**DIRECTIONS FOR THIS TASK**
Look through the data for the string "CompositionType". Copy every line where it is found.
═════ TASK INPUT ═════
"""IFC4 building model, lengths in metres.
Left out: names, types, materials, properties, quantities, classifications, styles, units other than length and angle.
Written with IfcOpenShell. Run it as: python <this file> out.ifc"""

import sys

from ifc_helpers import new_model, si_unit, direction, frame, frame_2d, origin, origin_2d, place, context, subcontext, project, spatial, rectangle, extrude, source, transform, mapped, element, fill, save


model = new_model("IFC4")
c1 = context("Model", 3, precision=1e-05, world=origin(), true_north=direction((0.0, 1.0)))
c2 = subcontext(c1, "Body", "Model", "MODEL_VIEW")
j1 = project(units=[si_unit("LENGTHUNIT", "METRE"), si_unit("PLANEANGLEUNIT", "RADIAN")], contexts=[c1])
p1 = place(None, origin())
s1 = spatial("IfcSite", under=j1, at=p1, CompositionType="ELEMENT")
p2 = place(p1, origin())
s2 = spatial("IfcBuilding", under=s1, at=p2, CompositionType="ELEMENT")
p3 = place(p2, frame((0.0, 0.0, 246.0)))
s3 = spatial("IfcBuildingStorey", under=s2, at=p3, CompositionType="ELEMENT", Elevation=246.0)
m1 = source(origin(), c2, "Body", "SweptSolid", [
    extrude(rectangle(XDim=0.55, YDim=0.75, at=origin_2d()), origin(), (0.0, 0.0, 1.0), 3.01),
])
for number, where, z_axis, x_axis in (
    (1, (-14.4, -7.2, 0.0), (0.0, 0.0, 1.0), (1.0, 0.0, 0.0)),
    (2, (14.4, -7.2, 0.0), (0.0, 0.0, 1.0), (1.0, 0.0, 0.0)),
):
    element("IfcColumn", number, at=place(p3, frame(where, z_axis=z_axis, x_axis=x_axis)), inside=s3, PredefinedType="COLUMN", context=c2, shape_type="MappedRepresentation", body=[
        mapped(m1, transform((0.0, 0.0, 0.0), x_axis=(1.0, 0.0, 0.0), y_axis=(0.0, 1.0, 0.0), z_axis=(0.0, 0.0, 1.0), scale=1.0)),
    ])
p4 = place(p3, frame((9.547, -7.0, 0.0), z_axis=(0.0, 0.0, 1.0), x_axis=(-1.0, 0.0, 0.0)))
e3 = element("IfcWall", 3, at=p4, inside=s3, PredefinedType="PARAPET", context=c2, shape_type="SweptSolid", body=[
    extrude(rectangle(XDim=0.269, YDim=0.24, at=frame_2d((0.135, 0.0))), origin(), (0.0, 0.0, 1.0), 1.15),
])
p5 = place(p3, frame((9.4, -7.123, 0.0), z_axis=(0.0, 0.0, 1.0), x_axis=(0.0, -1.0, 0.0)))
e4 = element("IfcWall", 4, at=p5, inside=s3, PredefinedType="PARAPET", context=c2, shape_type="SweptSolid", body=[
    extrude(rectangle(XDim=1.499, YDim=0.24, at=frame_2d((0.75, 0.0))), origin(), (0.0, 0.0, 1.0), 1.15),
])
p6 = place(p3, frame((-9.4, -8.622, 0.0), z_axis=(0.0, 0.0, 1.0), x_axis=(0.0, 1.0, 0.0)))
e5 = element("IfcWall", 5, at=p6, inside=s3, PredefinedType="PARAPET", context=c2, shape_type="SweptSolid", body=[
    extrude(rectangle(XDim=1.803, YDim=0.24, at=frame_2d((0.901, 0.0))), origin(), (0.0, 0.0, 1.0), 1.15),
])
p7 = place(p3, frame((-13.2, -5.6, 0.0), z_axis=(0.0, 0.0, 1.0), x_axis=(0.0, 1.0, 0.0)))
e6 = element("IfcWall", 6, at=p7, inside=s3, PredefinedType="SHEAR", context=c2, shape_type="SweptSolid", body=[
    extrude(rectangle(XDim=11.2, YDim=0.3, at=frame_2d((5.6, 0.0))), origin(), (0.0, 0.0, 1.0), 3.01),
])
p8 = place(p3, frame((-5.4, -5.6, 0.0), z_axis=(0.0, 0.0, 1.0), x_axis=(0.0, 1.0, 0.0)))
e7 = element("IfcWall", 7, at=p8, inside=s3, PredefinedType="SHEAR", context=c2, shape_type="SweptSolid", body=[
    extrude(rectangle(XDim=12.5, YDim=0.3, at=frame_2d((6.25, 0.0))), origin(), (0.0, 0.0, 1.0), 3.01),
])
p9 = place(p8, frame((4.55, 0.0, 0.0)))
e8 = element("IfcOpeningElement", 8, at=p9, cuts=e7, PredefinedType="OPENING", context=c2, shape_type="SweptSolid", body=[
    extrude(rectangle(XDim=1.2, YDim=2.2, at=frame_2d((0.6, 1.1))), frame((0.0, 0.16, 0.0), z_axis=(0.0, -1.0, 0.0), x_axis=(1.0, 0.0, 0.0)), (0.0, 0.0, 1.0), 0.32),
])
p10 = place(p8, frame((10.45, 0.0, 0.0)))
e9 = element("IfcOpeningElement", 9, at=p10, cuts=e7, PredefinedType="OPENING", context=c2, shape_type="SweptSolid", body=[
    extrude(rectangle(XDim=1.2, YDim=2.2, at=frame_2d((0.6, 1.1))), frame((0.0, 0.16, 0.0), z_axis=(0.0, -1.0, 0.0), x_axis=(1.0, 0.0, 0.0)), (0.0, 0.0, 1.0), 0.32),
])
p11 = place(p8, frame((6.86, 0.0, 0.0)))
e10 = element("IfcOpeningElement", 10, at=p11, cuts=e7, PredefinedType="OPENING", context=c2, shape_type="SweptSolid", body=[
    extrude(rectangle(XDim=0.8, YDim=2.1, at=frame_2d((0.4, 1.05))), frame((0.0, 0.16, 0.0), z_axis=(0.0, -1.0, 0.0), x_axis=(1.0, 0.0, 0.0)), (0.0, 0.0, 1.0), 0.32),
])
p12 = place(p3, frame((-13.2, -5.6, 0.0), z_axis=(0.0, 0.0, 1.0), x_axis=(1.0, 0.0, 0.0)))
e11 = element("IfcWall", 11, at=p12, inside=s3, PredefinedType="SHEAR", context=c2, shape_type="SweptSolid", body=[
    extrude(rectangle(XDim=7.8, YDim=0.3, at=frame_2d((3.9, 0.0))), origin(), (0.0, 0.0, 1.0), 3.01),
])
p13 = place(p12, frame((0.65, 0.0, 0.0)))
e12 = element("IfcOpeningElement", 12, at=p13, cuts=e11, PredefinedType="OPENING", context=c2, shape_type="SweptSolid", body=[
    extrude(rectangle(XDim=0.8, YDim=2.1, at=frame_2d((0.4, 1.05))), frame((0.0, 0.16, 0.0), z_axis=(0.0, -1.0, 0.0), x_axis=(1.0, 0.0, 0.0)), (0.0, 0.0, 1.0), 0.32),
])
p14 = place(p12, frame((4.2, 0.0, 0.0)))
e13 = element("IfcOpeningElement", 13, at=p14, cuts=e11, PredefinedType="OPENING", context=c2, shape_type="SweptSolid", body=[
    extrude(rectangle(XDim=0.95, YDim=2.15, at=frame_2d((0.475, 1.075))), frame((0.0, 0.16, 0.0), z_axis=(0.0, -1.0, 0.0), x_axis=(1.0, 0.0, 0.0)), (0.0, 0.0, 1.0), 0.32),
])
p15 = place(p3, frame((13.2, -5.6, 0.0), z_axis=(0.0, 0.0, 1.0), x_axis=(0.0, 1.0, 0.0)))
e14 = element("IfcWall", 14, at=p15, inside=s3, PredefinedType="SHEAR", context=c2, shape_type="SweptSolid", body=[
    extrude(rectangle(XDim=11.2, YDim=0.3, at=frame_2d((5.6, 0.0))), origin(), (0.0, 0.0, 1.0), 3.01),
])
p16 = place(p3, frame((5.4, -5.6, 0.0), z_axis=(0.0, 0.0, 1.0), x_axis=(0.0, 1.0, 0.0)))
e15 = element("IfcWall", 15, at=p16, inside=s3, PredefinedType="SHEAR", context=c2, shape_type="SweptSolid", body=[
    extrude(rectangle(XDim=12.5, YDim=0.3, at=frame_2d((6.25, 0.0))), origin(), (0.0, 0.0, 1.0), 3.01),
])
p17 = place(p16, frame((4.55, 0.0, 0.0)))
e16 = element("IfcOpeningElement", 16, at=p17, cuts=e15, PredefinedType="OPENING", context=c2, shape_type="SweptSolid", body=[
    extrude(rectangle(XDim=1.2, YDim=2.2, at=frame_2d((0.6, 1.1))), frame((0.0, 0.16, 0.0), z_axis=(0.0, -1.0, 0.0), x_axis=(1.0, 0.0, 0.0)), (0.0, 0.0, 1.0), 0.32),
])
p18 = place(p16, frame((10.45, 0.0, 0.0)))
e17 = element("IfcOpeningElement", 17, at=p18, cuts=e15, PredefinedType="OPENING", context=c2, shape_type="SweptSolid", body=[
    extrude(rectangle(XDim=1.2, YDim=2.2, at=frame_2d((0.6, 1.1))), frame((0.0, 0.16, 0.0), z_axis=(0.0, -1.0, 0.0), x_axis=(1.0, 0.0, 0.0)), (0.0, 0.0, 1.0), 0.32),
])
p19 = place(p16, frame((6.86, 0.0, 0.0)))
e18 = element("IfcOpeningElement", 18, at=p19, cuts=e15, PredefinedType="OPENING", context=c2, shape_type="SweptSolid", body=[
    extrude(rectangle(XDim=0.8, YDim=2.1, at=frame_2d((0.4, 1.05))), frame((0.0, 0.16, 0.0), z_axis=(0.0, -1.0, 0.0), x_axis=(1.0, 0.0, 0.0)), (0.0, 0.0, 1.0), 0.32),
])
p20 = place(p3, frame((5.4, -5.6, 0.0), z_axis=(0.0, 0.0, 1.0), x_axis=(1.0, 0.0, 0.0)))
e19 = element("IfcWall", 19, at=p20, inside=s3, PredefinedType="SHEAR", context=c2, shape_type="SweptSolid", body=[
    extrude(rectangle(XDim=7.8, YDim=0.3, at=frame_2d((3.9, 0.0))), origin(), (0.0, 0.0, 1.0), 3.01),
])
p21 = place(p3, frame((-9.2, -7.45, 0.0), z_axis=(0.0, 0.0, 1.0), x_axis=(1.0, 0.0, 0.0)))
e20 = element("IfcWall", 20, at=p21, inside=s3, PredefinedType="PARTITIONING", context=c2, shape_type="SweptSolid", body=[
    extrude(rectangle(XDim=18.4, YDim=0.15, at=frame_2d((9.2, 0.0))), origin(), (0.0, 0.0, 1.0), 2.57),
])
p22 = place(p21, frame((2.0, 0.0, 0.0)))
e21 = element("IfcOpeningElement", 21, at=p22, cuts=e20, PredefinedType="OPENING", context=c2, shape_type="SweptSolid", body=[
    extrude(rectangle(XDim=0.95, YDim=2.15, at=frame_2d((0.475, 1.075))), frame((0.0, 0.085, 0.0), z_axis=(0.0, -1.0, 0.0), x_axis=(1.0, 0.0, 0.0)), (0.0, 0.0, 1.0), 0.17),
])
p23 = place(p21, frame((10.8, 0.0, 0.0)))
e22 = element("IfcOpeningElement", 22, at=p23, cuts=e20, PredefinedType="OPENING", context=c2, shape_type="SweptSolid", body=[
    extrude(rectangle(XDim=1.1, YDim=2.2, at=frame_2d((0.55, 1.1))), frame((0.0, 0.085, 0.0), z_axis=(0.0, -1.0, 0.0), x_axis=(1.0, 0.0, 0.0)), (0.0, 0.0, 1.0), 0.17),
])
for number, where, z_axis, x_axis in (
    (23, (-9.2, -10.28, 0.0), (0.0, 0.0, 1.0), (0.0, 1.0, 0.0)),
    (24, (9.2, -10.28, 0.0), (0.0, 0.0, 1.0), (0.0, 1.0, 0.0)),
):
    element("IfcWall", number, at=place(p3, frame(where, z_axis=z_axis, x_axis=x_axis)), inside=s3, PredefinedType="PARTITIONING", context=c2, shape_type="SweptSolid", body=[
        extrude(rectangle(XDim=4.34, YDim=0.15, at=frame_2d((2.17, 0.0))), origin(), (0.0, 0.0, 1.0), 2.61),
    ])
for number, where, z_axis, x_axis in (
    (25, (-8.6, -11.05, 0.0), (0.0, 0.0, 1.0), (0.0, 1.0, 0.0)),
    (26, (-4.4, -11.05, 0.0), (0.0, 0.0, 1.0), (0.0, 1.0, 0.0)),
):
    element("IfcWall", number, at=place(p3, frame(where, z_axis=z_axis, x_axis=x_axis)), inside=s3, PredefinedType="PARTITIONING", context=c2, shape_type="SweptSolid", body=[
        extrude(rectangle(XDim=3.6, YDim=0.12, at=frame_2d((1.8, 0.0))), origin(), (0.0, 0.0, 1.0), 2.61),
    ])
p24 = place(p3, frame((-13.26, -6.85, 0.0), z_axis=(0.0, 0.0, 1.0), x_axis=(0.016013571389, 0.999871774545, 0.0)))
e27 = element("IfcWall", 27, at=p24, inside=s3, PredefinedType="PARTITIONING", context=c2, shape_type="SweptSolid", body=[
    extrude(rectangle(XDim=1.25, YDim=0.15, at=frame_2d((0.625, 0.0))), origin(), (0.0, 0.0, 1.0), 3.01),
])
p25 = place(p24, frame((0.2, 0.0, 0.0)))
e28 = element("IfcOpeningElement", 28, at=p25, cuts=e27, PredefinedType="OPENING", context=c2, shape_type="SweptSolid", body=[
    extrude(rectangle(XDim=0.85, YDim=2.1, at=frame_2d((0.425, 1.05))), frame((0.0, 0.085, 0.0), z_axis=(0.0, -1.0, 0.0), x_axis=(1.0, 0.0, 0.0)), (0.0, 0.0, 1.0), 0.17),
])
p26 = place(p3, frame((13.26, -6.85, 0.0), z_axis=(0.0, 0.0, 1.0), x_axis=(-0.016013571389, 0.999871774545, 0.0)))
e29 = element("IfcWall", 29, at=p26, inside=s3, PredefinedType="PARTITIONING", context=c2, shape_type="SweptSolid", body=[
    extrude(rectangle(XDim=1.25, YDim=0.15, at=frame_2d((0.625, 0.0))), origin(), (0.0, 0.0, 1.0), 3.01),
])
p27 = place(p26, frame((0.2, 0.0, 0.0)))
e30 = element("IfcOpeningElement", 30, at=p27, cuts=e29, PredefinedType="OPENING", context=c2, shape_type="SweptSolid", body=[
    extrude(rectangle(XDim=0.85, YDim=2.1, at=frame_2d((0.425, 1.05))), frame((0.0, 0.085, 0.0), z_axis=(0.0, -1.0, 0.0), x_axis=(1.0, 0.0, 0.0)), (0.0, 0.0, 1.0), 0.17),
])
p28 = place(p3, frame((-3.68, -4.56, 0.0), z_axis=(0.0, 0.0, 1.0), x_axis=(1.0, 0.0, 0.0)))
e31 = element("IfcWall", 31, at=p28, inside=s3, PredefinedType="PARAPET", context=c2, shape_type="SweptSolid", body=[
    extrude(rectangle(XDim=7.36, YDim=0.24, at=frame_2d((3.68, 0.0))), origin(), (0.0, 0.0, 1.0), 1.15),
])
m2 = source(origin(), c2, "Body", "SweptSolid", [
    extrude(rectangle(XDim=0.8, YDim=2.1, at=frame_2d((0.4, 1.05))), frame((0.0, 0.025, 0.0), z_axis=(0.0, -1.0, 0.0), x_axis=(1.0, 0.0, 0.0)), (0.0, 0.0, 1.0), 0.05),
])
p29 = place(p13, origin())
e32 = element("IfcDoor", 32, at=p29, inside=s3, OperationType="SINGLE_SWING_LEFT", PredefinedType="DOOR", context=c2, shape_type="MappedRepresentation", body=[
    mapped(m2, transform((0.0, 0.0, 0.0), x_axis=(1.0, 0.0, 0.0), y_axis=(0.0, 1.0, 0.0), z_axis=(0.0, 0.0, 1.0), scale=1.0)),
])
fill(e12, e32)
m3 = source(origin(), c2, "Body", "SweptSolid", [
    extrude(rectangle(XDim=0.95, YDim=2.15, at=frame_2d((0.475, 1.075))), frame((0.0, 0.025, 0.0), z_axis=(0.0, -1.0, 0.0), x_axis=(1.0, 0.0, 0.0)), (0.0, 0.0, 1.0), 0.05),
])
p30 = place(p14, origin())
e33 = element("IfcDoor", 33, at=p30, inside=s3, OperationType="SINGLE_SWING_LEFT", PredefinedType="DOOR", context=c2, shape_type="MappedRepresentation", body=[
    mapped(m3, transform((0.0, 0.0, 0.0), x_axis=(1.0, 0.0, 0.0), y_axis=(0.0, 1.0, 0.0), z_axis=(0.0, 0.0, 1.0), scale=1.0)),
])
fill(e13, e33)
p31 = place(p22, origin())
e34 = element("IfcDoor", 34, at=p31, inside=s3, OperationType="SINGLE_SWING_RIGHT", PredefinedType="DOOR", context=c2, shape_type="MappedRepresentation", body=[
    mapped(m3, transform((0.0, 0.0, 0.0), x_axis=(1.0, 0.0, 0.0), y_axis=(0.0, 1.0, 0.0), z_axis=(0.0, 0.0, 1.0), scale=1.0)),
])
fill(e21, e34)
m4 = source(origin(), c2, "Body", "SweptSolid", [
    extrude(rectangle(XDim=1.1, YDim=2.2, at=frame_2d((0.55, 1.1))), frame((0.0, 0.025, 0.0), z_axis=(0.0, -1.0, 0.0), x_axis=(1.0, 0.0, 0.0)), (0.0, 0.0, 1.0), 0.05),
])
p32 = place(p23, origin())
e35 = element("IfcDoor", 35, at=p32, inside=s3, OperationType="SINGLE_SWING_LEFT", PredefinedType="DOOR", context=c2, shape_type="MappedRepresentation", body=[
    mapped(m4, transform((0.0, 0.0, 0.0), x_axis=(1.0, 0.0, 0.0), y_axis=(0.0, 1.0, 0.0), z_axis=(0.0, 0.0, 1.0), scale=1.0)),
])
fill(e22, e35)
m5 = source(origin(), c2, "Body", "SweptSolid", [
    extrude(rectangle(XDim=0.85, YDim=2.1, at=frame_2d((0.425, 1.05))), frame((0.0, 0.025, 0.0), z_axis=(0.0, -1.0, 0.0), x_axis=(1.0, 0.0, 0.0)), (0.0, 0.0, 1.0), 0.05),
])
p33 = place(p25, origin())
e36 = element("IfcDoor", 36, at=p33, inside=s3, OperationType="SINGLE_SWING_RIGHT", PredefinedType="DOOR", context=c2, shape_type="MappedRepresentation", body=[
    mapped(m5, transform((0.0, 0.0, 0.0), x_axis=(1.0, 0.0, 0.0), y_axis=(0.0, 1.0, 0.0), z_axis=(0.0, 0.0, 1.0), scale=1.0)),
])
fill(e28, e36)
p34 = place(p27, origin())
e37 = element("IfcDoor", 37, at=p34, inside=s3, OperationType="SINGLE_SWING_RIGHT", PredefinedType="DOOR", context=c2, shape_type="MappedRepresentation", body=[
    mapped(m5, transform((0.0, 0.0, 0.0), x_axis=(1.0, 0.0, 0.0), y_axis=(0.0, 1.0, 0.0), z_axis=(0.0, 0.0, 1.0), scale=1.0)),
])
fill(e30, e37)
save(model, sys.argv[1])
═════
**RESULT OF THE TASK**
s1 = spatial("IfcSite", under=j1, at=p1, CompositionType="ELEMENT")
s2 = spatial("IfcBuilding", under=s1, at=p2, CompositionType="ELEMENT")
s3 = spatial("IfcBuildingStorey", under=s2, at=p3, CompositionType="ELEMENT", Elevation=246.0)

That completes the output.